§ **Task statement**
Print verbatim every line starting at the one that contains "x_axis=(0.0, -1.0, 0.0)))" and ending at the final line of the records; include both endpoints.

§ **Extracted data entries**
▬▬▬▬▬▬▬▬▬▬
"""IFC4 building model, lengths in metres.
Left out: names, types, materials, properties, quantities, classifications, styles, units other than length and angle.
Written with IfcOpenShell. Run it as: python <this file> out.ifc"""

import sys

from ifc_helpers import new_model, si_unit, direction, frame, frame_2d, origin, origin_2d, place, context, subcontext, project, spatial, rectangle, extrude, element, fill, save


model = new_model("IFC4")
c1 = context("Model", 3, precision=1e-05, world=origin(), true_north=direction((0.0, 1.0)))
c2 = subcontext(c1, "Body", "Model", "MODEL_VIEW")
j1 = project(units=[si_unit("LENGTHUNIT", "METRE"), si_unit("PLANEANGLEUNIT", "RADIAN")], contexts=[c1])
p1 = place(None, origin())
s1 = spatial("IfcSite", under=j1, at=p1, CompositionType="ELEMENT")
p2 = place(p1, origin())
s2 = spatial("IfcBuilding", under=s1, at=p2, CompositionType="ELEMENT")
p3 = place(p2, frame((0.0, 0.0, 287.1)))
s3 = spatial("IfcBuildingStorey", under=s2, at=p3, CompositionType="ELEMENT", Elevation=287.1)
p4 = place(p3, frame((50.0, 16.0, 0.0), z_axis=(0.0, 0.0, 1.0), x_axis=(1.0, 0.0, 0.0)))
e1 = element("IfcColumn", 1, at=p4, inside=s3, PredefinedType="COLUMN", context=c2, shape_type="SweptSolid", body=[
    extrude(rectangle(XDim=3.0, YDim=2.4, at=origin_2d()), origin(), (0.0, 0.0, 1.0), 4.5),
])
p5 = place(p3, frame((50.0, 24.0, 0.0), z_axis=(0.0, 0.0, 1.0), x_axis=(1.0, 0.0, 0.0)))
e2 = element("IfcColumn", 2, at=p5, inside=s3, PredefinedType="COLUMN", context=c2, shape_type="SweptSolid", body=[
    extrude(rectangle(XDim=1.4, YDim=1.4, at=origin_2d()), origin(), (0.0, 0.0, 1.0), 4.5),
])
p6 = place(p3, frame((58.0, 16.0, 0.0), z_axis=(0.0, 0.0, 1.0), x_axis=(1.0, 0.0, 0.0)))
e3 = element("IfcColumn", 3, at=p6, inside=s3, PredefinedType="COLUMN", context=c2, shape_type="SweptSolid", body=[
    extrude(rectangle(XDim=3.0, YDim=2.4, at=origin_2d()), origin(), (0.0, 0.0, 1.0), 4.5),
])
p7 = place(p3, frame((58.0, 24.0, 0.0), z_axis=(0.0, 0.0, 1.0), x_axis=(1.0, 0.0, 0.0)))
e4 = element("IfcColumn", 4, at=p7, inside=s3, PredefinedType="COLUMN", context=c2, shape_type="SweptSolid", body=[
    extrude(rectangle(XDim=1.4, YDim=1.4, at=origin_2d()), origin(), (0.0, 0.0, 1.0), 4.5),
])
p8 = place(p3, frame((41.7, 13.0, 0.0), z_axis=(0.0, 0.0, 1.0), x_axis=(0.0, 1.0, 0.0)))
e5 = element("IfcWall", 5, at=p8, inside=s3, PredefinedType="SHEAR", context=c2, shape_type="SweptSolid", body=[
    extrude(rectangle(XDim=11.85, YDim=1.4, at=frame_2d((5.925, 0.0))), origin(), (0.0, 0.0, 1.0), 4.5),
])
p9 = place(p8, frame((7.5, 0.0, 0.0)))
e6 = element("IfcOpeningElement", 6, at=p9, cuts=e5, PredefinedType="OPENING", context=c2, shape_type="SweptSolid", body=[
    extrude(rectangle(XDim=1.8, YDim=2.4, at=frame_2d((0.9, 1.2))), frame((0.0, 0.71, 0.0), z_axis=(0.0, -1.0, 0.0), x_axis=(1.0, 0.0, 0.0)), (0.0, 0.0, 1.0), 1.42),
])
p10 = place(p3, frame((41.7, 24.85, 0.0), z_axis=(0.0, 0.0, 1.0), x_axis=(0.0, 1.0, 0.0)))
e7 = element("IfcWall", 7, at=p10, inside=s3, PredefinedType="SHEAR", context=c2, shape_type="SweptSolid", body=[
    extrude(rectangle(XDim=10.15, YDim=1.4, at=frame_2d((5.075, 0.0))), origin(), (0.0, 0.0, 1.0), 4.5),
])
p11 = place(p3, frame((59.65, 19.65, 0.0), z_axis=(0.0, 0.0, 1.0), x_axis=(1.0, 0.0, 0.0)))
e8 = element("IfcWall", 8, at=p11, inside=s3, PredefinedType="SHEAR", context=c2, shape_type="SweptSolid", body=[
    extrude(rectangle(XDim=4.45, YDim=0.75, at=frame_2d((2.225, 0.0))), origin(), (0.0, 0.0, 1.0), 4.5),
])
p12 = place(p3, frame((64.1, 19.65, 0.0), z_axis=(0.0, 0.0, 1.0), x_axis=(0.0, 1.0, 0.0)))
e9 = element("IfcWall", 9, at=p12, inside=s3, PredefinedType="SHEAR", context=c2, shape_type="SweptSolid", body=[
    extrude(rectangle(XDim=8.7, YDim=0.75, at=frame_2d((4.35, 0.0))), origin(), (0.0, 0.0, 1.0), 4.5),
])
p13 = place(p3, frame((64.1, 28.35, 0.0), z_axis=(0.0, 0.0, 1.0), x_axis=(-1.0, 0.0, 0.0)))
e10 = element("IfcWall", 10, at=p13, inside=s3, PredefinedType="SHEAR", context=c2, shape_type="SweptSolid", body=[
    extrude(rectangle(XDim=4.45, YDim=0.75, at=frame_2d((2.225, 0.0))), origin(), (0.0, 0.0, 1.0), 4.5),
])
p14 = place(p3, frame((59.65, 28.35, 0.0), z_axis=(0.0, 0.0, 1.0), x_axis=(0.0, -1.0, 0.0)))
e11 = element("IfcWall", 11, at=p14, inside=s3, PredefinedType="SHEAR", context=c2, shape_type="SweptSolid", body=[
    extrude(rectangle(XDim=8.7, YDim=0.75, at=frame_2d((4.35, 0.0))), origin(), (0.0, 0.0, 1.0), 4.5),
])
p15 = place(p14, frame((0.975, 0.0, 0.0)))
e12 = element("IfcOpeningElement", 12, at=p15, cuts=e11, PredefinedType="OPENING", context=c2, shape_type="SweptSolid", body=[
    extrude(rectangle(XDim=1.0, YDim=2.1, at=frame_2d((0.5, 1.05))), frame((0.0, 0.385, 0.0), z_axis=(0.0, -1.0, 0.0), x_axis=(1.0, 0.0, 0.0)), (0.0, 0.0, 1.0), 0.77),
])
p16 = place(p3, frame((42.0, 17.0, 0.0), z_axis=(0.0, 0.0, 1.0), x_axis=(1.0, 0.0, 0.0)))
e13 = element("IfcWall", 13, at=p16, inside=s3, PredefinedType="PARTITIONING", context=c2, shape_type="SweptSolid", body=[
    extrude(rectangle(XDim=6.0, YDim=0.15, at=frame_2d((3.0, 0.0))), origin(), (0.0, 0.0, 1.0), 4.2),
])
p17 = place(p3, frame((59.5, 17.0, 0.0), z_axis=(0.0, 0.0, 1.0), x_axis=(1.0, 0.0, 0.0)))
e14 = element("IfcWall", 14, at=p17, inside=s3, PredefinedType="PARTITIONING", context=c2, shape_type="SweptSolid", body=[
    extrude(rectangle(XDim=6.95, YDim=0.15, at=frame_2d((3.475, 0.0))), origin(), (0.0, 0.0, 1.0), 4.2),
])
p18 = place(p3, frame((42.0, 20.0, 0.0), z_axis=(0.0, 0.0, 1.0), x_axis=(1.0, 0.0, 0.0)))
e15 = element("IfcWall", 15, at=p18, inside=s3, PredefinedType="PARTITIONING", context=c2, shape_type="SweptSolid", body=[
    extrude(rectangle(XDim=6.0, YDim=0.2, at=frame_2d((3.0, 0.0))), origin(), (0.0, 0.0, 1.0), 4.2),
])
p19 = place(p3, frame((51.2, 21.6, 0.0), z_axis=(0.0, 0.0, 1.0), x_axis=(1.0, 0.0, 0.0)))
▬▬▬▬▬▬▬▬▬▬
§ **Your solution**
p14 = place(p3, frame((59.65, 28.35, 0.0), z_axis=(0.0, 0.0, 1.0), x_axis=(0.0, -1.0, 0.0)))
e11 = element("IfcWall", 11, at=p14, inside=s3, PredefinedType="SHEAR", context=c2, shape_type="SweptSolid", body=[
    extrude(rectangle(XDim=8.7, YDim=0.75, at=frame_2d((4.35, 0.0))), origin(), (0.0, 0.0, 1.0), 4.5),
])
p15 = place(p14, frame((0.975, 0.0, 0.0)))
e12 = element("IfcOpeningElement", 12, at=p15, cuts=e11, PredefinedType="OPENING", context=c2, shape_type="SweptSolid", body=[
    extrude(rectangle(XDim=1.0, YDim=2.1, at=frame_2d((0.5, 1.05))), frame((0.0, 0.385, 0.0), z_axis=(0.0, -1.0, 0.0), x_axis=(1.0, 0.0, 0.0)), (0.0, 0.0, 1.0), 0.77),
])
p16 = place(p3, frame((42.0, 17.0, 0.0), z_axis=(0.0, 0.0, 1.0), x_axis=(1.0, 0.0, 0.0)))
e13 = element("IfcWall", 13, at=p16, inside=s3, PredefinedType="PARTITIONING", context=c2, shape_type="SweptSolid", body=[
    extrude(rectangle(XDim=6.0, YDim=0.15, at=frame_2d((3.0, 0.0))), origin(), (0.0, 0.0, 1.0), 4.2),
])
p17 = place(p3, frame((59.5, 17.0, 0.0), z_axis=(0.0, 0.0, 1.0), x_axis=(1.0, 0.0, 0.0)))
e14 = element("IfcWall", 14, at=p17, inside=s3, PredefinedType="PARTITIONING", context=c2, shape_type="SweptSolid", body=[
    extrude(rectangle(XDim=6.95, YDim=0.15, at=frame_2d((3.475, 0.0))), origin(), (0.0, 0.0, 1.0), 4.2),
])
p18 = place(p3, frame((42.0, 20.0, 0.0), z_axis=(0.0, 0.0, 1.0), x_axis=(1.0, 0.0, 0.0)))
e15 = element("IfcWall", 15, at=p18, inside=s3, PredefinedType="PARTITIONING", context=c2, shape_type="SweptSolid", body=[
    extrude(rectangle(XDim=6.0, YDim=0.2, at=frame_2d((3.0, 0.0))), origin(), (0.0, 0.0, 1.0), 4.2),
])
p19 = place(p3, frame((51.2, 21.6, 0.0), z_axis=(0.0, 0.0, 1.0), x_axis=(1.0, 0.0, 0.0)))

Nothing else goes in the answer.